» Input records
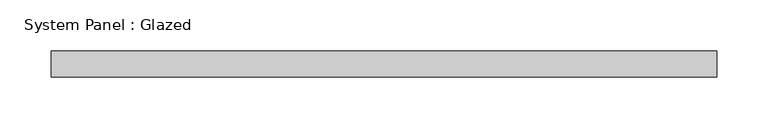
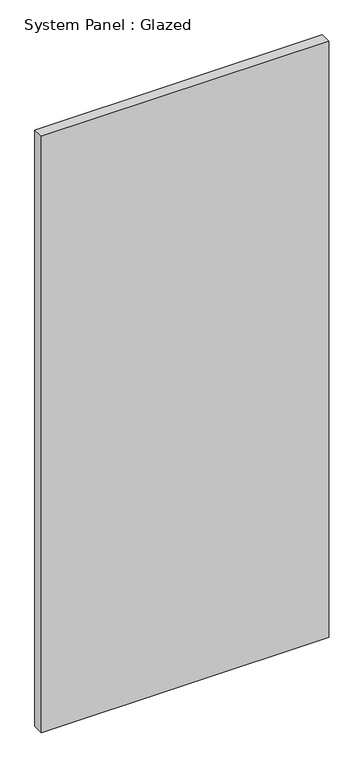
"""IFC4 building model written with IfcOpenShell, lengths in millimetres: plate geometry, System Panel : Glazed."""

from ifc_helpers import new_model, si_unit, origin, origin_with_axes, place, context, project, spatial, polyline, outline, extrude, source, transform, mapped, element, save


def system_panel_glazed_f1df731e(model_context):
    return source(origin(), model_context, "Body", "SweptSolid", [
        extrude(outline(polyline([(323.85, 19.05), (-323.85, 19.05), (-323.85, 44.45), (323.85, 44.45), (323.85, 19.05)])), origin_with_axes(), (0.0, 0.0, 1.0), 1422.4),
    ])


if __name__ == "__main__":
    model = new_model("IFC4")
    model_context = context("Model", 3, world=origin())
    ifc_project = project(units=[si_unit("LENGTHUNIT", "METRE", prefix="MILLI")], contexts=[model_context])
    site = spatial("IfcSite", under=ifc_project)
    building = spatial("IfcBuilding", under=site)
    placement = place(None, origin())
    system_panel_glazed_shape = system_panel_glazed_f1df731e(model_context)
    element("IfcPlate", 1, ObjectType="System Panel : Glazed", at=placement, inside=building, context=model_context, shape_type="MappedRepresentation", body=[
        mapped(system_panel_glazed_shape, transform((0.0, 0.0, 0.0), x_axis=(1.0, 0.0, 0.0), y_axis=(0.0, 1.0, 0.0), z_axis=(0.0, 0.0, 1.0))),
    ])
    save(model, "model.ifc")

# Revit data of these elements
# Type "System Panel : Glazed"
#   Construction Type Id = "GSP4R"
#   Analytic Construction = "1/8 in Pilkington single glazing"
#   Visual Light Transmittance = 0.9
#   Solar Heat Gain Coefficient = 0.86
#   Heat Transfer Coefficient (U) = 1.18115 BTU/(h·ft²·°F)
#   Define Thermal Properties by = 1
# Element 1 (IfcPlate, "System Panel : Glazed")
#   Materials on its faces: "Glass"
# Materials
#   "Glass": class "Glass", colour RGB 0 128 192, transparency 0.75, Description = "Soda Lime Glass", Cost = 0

» Exercise aim
If a line in the data above contains "Materials", return that line.

» Exercise output
#   Materials on its faces: "Glass"
# Materials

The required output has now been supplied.